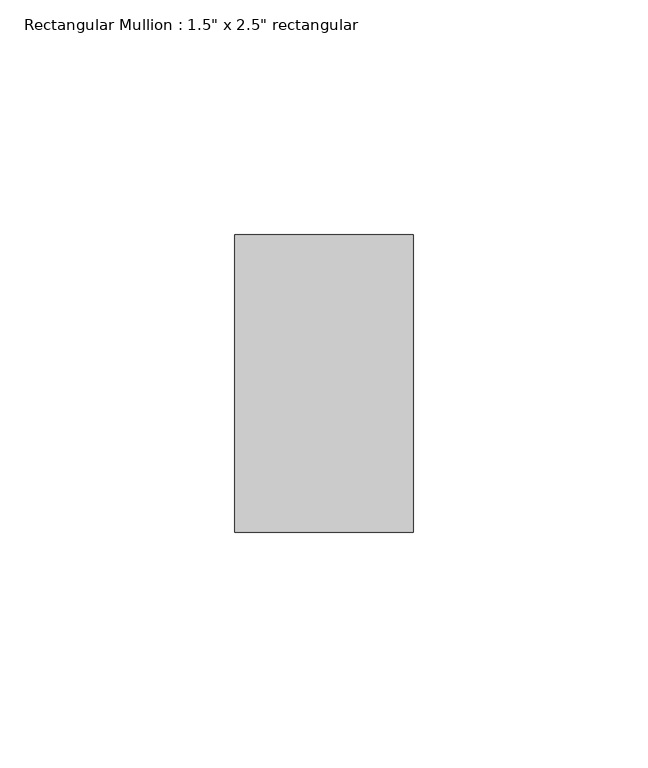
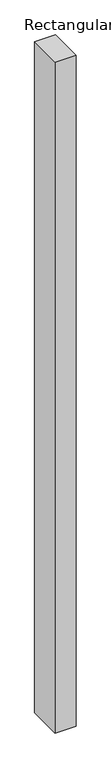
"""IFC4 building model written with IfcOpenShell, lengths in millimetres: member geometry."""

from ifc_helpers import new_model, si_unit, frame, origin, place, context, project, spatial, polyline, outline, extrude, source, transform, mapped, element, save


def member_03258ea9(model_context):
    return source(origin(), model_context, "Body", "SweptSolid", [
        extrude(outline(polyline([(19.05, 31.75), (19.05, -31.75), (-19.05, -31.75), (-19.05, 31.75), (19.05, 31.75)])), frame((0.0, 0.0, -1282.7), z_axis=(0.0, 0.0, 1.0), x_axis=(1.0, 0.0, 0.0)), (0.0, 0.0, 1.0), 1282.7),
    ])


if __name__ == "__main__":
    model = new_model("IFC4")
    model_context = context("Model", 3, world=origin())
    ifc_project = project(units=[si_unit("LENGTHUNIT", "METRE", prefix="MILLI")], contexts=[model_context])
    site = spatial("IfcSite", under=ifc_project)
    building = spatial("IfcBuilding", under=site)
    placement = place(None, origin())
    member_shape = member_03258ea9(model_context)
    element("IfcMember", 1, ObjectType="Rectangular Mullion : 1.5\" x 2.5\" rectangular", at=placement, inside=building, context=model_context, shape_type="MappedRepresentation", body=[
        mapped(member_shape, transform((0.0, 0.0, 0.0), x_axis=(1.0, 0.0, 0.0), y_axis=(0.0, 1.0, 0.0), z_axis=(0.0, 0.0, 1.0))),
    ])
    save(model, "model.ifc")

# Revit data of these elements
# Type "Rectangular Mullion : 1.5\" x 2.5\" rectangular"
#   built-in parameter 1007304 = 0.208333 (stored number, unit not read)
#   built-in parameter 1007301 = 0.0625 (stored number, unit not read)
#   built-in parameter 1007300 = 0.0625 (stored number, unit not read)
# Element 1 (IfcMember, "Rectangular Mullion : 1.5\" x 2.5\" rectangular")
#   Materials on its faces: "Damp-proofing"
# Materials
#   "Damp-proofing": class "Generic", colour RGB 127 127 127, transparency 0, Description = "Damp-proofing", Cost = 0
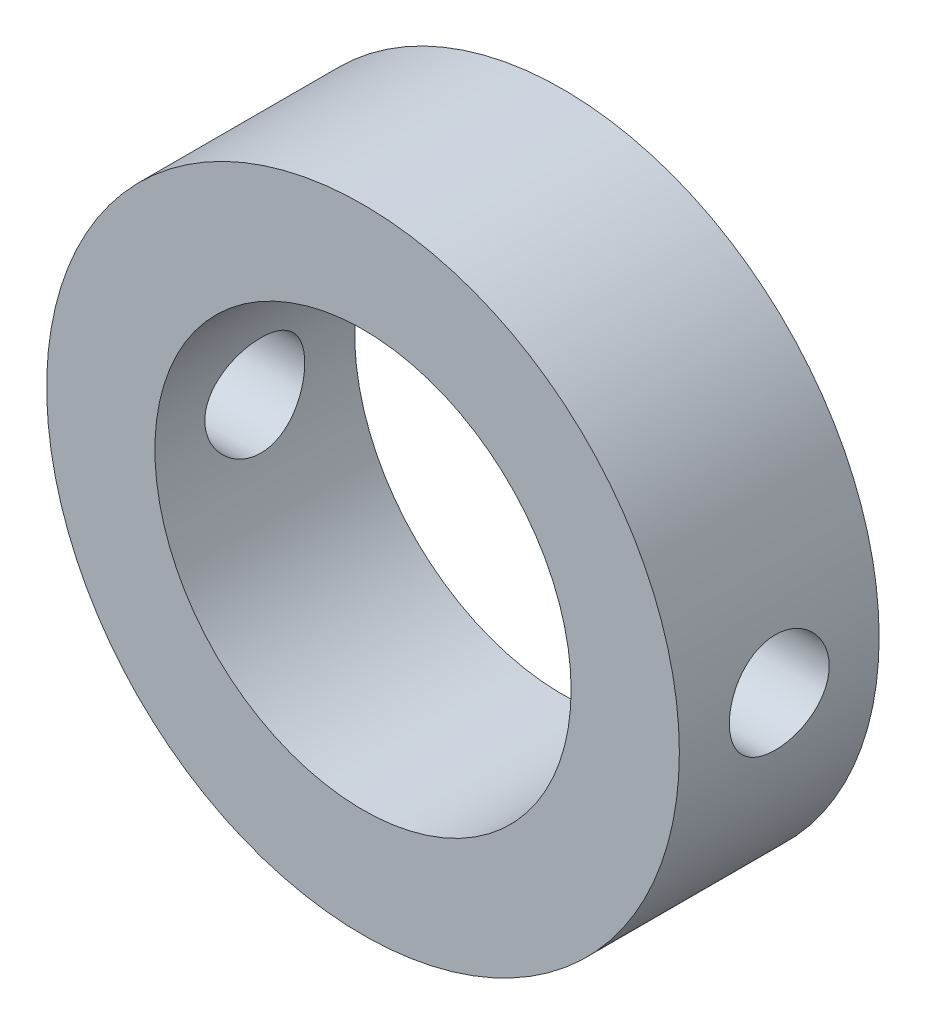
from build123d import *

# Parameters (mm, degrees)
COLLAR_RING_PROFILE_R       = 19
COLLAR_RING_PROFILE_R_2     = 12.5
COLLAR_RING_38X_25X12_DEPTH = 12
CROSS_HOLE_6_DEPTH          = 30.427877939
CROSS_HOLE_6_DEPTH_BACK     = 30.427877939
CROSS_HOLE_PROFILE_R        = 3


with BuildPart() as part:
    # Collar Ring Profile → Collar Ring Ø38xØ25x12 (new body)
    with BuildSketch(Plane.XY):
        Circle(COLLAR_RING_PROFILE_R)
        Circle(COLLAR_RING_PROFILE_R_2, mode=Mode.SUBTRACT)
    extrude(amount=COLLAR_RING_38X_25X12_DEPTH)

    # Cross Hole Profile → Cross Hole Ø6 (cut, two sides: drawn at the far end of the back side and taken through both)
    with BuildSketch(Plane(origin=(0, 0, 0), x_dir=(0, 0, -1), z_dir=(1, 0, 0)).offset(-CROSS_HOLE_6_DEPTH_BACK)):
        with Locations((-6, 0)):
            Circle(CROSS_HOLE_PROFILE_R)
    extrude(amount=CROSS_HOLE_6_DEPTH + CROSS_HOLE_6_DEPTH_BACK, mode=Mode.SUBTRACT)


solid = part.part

**HOW TO COMPLETE THIS TASK:** In how many lines of the material above does the word "placement" appear? Reply with the number only.

**RESPONSE TO THE EXERCISE:** 2